- **Work instruction**:
Work out how many lines in the data below include "project", then reply with that number only.

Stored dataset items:
__________

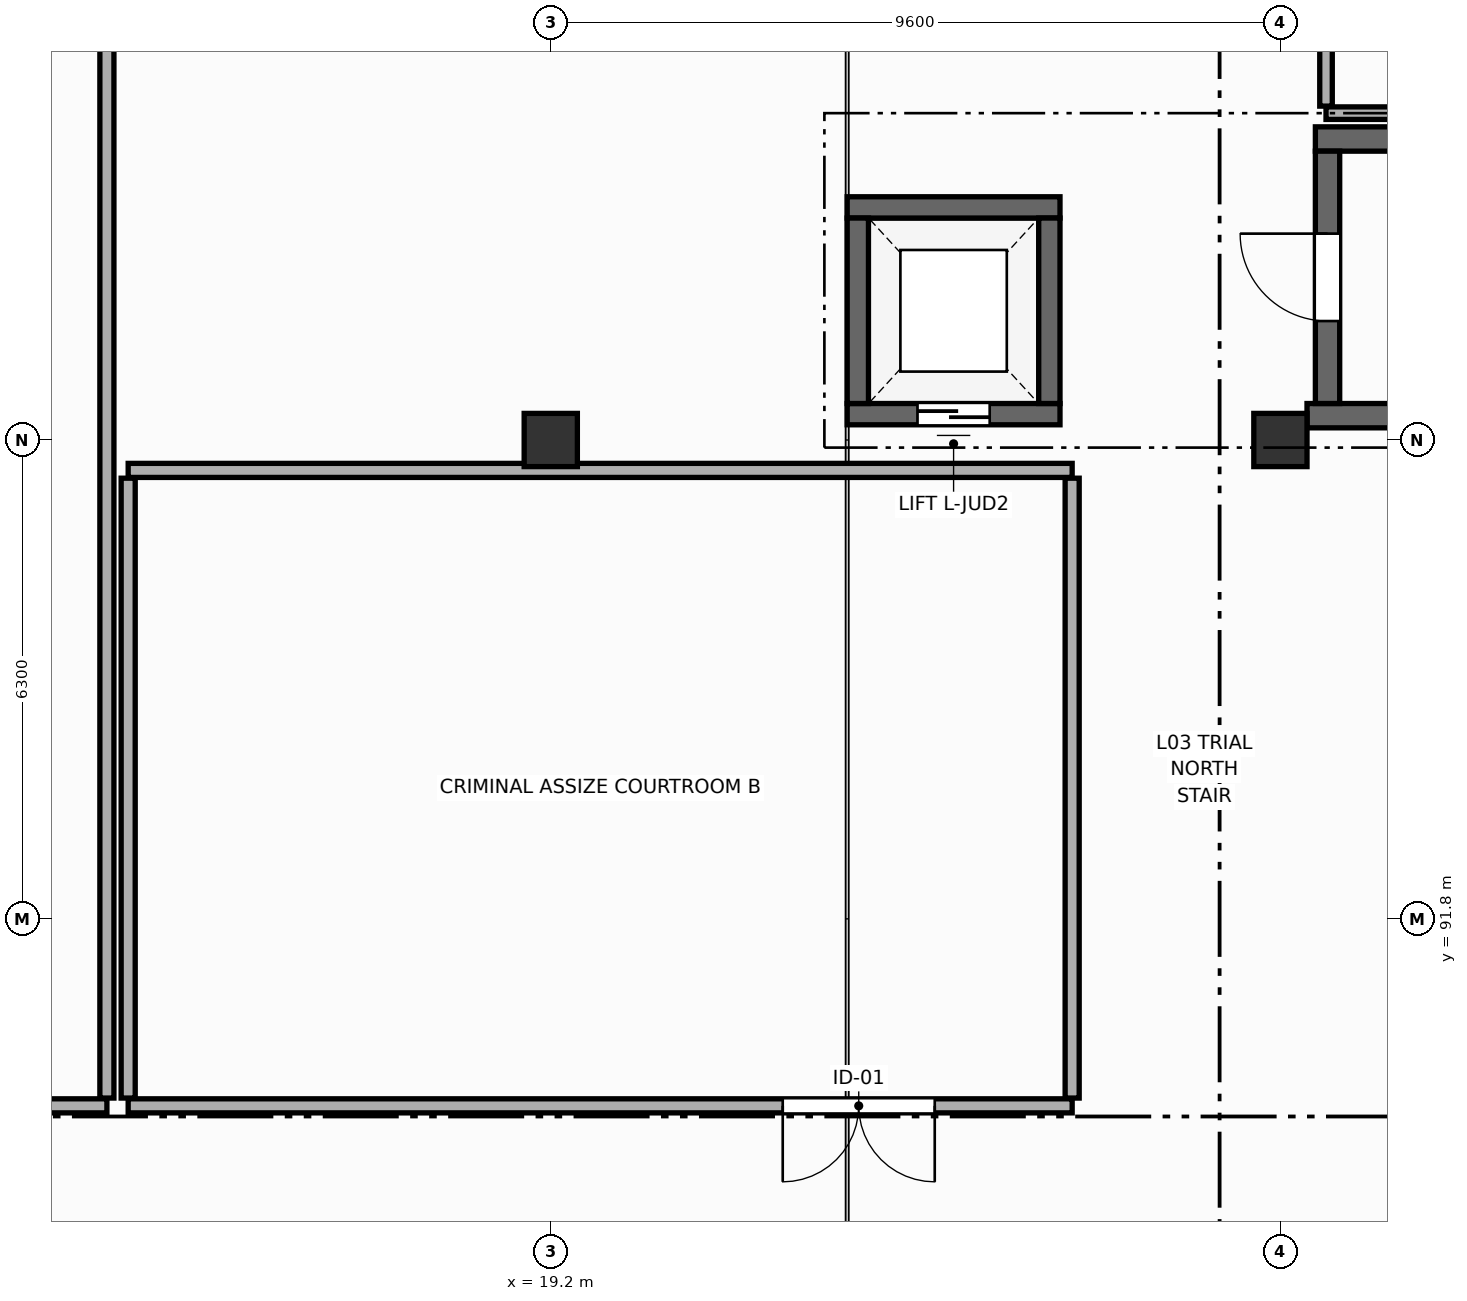
"""IFC4 building model, lengths in metres.
Left out: names, types, materials, properties, quantities, classifications, styles, units other than length and angle.
Written with IfcOpenShell. Run it as: python <this file> out.ifc"""

import sys

from ifc_helpers import new_model, si_unit, direction, frame, frame_2d, origin, origin_2d, place, context, subcontext, project, spatial, rectangle, extrude, element, fill, save


model = new_model("IFC4")
c1 = context("Model", 3, precision=1e-05, world=origin(), true_north=direction((0.0, 1.0)))
c2 = subcontext(c1, "Body", "Model", "MODEL_VIEW")
j1 = project(units=[si_unit("LENGTHUNIT", "METRE"), si_unit("PLANEANGLEUNIT", "RADIAN")], contexts=[c1])
p1 = place(None, origin())
s1 = spatial("IfcSite", under=j1, at=p1, CompositionType="ELEMENT")
p2 = place(p1, origin())
s2 = spatial("IfcBuilding", under=s1, at=p2, CompositionType="ELEMENT")
p3 = place(p2, frame((0.0, 0.0, 9.9)))
s3 = spatial("IfcBuildingStorey", under=s2, at=p3, CompositionType="ELEMENT", Elevation=9.9)
for number, where, z_axis, x_axis in (
    (1, (19.2, 98.1, 0.0), (0.0, 0.0, 1.0), (1.0, 0.0, 0.0)),
    (2, (28.8, 98.1, 0.0), (0.0, 0.0, 1.0), (1.0, 0.0, 0.0)),
):
    element("IfcColumn", number, at=place(p3, frame(where, z_axis=z_axis, x_axis=x_axis)), inside=s3, PredefinedType="COLUMN", context=c2, shape_type="SweptSolid", body=[
        extrude(rectangle(XDim=0.7, YDim=0.7, at=origin_2d()), origin(), (0.0, 0.0, 1.0), 4.5),
    ])
p4 = place(p3, frame((29.26, 102.06, 0.0), z_axis=(0.0, 0.0, 1.0), x_axis=(1.0, 0.0, 0.0)))
e3 = element("IfcWall", 3, at=p4, inside=s3, PredefinedType="SHEAR", context=c2, shape_type="SweptSolid", body=[
    extrude(rectangle(XDim=9.18, YDim=0.32, at=frame_2d((4.59, 0.0))), origin(), (0.0, 0.0, 1.0), 4.25),
])
p5 = place(p3, frame((38.44, 98.42, 0.0), z_axis=(0.0, 0.0, 1.0), x_axis=(-1.0, 0.0, 0.0)))
e4 = element("IfcWall", 4, at=p5, inside=s3, PredefinedType="SHEAR", context=c2, shape_type="SweptSolid", body=[
    extrude(rectangle(XDim=9.29, YDim=0.32, at=frame_2d((4.645, 0.0))), origin(), (0.0, 0.0, 1.0), 4.25),
])
p6 = place(p3, frame((29.42, 98.58, 0.0), z_axis=(0.0, 0.0, 1.0), x_axis=(0.0, 1.0, 0.0)))
e5 = element("IfcWall", 5, at=p6, inside=s3, PredefinedType="SHEAR", context=c2, shape_type="SweptSolid", body=[
    extrude(rectangle(XDim=3.32, YDim=0.32, at=frame_2d((1.66, 0.0))), origin(), (0.0, 0.0, 1.0), 4.25),
])
p7 = place(p6, frame((1.085, 0.0, 0.0)))
e6 = element("IfcOpeningElement", 6, at=p7, cuts=e5, PredefinedType="OPENING", context=c2, shape_type="SweptSolid", body=[
    extrude(rectangle(XDim=1.15, YDim=2.2, at=frame_2d((0.575, 1.1))), frame((0.0, 0.17, 0.0), z_axis=(0.0, -1.0, 0.0), x_axis=(1.0, 0.0, 0.0)), (0.0, 0.0, 1.0), 0.34),
])
p8 = place(p3, frame((23.1, 101.16, 0.0), z_axis=(0.0, 0.0, 1.0), x_axis=(1.0, 0.0, 0.0)))
e7 = element("IfcWall", 7, at=p8, inside=s3, PredefinedType="SHEAR", context=c2, shape_type="SweptSolid", body=[
    extrude(rectangle(XDim=2.8, YDim=0.28, at=frame_2d((1.4, 0.0))), origin(), (0.0, 0.0, 1.0), 4.25),
])
p9 = place(p3, frame((25.9, 98.44, 0.0), z_axis=(0.0, 0.0, 1.0), x_axis=(-1.0, 0.0, 0.0)))
e8 = element("IfcWall", 8, at=p9, inside=s3, PredefinedType="SHEAR", context=c2, shape_type="SweptSolid", body=[
    extrude(rectangle(XDim=2.8, YDim=0.28, at=frame_2d((1.4, 0.0))), origin(), (0.0, 0.0, 1.0), 4.25),
])
p10 = place(p9, frame((0.925, 0.0, 0.0)))
e9 = element("IfcOpeningElement", 9, at=p10, cuts=e8, PredefinedType="OPENING", context=c2, shape_type="SweptSolid", body=[
    extrude(rectangle(XDim=0.95, YDim=2.15, at=frame_2d((0.475, 1.075))), frame((0.0, 0.15, 0.0), z_axis=(0.0, -1.0, 0.0), x_axis=(1.0, 0.0, 0.0)), (0.0, 0.0, 1.0), 0.3),
])
for number, where, z_axis, x_axis in (
    (10, (23.24, 98.58, 0.0), (0.0, 0.0, 1.0), (0.0, 1.0, 0.0)),
    (11, (25.76, 101.02, 0.0), (0.0, 0.0, 1.0), (0.0, -1.0, 0.0)),
):
    element("IfcWall", number, at=place(p3, frame(where, z_axis=z_axis, x_axis=x_axis)), inside=s3, PredefinedType="SHEAR", context=c2, shape_type="SweptSolid", body=[
        extrude(rectangle(XDim=2.44, YDim=0.28, at=frame_2d((1.22, 0.0))), origin(), (0.0, 0.0, 1.0), 4.25),
    ])
p11 = place(p3, frame((13.36, 89.34, 0.0), z_axis=(0.0, 0.0, 1.0), x_axis=(-1.0, 0.0, 0.0)))
e12 = element("IfcWall", 12, at=p11, inside=s3, PredefinedType="PARTITIONING", context=c2, shape_type="SweptSolid", body=[
    extrude(rectangle(XDim=12.906, YDim=0.185, at=frame_2d((6.453, 0.0))), origin(), (0.0, 0.0, 1.0), 3.38),
])
p12 = place(p11, frame((1.881, 0.0, 0.0)))
e13 = element("IfcOpeningElement", 13, at=p12, cuts=e12, PredefinedType="OPENING", context=c2, shape_type="SweptSolid", body=[
    extrude(rectangle(XDim=2.0, YDim=2.5, at=frame_2d((1.0, 1.25))), frame((0.0, 0.103, 0.0), z_axis=(0.0, -1.0, 0.0), x_axis=(1.0, 0.0, 0.0)), (0.0, 0.0, 1.0), 0.205),
])
p13 = place(p3, frame((13.36, 112.346, 0.0), z_axis=(0.0, 0.0, 1.0), x_axis=(0.0, -1.0, 0.0)))
e14 = element("IfcWall", 14, at=p13, inside=s3, PredefinedType="PARTITIONING", context=c2, shape_type="SweptSolid", body=[
    extrude(rectangle(XDim=22.904, YDim=0.185, at=frame_2d((11.452, 0.0))), origin(), (0.0, 0.0, 1.0), 3.58),
])
p14 = place(p3, frame((13.64, 97.7, 0.0), z_axis=(0.0, 0.0, 1.0), x_axis=(1.0, 0.0, 0.0)))
e15 = element("IfcWall", 15, at=p14, inside=s3, PredefinedType="PARTITIONING", context=c2, shape_type="SweptSolid", body=[
    extrude(rectangle(XDim=12.42, YDim=0.185, at=frame_2d((6.21, 0.0))), origin(), (0.0, 0.0, 1.0), 3.33),
])
p15 = place(p3, frame((26.06, 89.34, 0.0), z_axis=(0.0, 0.0, 1.0), x_axis=(-1.0, 0.0, 0.0)))
e16 = element("IfcWall", 16, at=p15, inside=s3, PredefinedType="PARTITIONING", context=c2, shape_type="SweptSolid", body=[
    extrude(rectangle(XDim=12.42, YDim=0.185, at=frame_2d((6.21, 0.0))), origin(), (0.0, 0.0, 1.0), 3.38),
])
p16 = place(p15, frame((1.808, 0.0, 0.0)))
e17 = element("IfcOpeningElement", 17, at=p16, cuts=e16, PredefinedType="OPENING", context=c2, shape_type="SweptSolid", body=[
    extrude(rectangle(XDim=2.0, YDim=2.5, at=frame_2d((1.0, 1.25))), frame((0.0, 0.103, 0.0), z_axis=(0.0, -1.0, 0.0), x_axis=(1.0, 0.0, 0.0)), (0.0, 0.0, 1.0), 0.205),
])
for number, where, z_axis, x_axis in (
    (18, (13.64, 89.442, 0.0), (0.0, 0.0, 1.0), (0.0, 1.0, 0.0)),
    (19, (26.06, 97.597, 0.0), (0.0, 0.0, 1.0), (0.0, -1.0, 0.0)),
):
    element("IfcWall", number, at=place(p3, frame(where, z_axis=z_axis, x_axis=x_axis)), inside=s3, PredefinedType="PARTITIONING", context=c2, shape_type="SweptSolid", body=[
        extrude(rectangle(XDim=8.155, YDim=0.185, at=frame_2d((4.078, 0.0))), origin(), (0.0, 0.0, 1.0), 3.63),
    ])
p17 = place(p3, frame((45.6, 102.4, 0.0), z_axis=(0.0, 0.0, 1.0), x_axis=(-1.0, 0.0, 0.0)))
e20 = element("IfcWall", 20, at=p17, inside=s3, PredefinedType="PARTITIONING", context=c2, shape_type="SweptSolid", body=[
    extrude(rectangle(XDim=16.2, YDim=0.165, at=frame_2d((8.1, 0.0))), origin(), (0.0, 0.0, 1.0), 3.33),
])
p18 = place(p3, frame((29.4, 102.492, 0.0), z_axis=(0.0, 0.0, 1.0), x_axis=(0.0, 1.0, 0.0)))
e21 = element("IfcWall", 21, at=p18, inside=s3, PredefinedType="PARTITIONING", context=c2, shape_type="SweptSolid", body=[
    extrude(rectangle(XDim=9.854, YDim=0.165, at=frame_2d((4.927, 0.0))), origin(), (0.0, 0.0, 1.0), 3.63),
])
p19 = place(p18, frame((1.981, 0.0, 0.0)))
e22 = element("IfcOpeningElement", 22, at=p19, cuts=e21, PredefinedType="OPENING", context=c2, shape_type="SweptSolid", body=[
    extrude(rectangle(XDim=1.0, YDim=2.15, at=frame_2d((0.5, 1.075))), frame((0.0, 0.093, 0.0), z_axis=(0.0, -1.0, 0.0), x_axis=(1.0, 0.0, 0.0)), (0.0, 0.0, 1.0), 0.185),
])
p20 = place(p7, origin())
e23 = element("IfcDoor", 23, at=p20, inside=s3, OperationType="SINGLE_SWING_RIGHT", PredefinedType="DOOR", context=c2, shape_type="SweptSolid", body=[
    extrude(rectangle(XDim=1.15, YDim=2.2, at=frame_2d((0.575, 1.1))), frame((0.0, 0.025, 0.0), z_axis=(0.0, -1.0, 0.0), x_axis=(1.0, 0.0, 0.0)), (0.0, 0.0, 1.0), 0.05),
])
fill(e6, e23)
p21 = place(p10, origin())
e24 = element("IfcDoor", 24, at=p21, inside=s3, OperationType="DOUBLE_DOOR_SLIDING", PredefinedType="DOOR", context=c2, shape_type="SweptSolid", body=[
    extrude(rectangle(XDim=0.95, YDim=2.15, at=frame_2d((0.475, 1.075))), frame((0.0, 0.025, 0.0), z_axis=(0.0, -1.0, 0.0), x_axis=(1.0, 0.0, 0.0)), (0.0, 0.0, 1.0), 0.05),
])
fill(e9, e24)
p22 = place(p16, origin())
e25 = element("IfcDoor", 25, at=p22, inside=s3, OperationType="DOUBLE_DOOR_SINGLE_SWING", PredefinedType="DOOR", context=c2, shape_type="SweptSolid", body=[
    extrude(rectangle(XDim=2.0, YDim=2.5, at=frame_2d((1.0, 1.25))), frame((0.0, 0.025, 0.0), z_axis=(0.0, -1.0, 0.0), x_axis=(1.0, 0.0, 0.0)), (0.0, 0.0, 1.0), 0.05),
])
fill(e17, e25)
save(model, sys.argv[1])

__________

- **Task result**:
2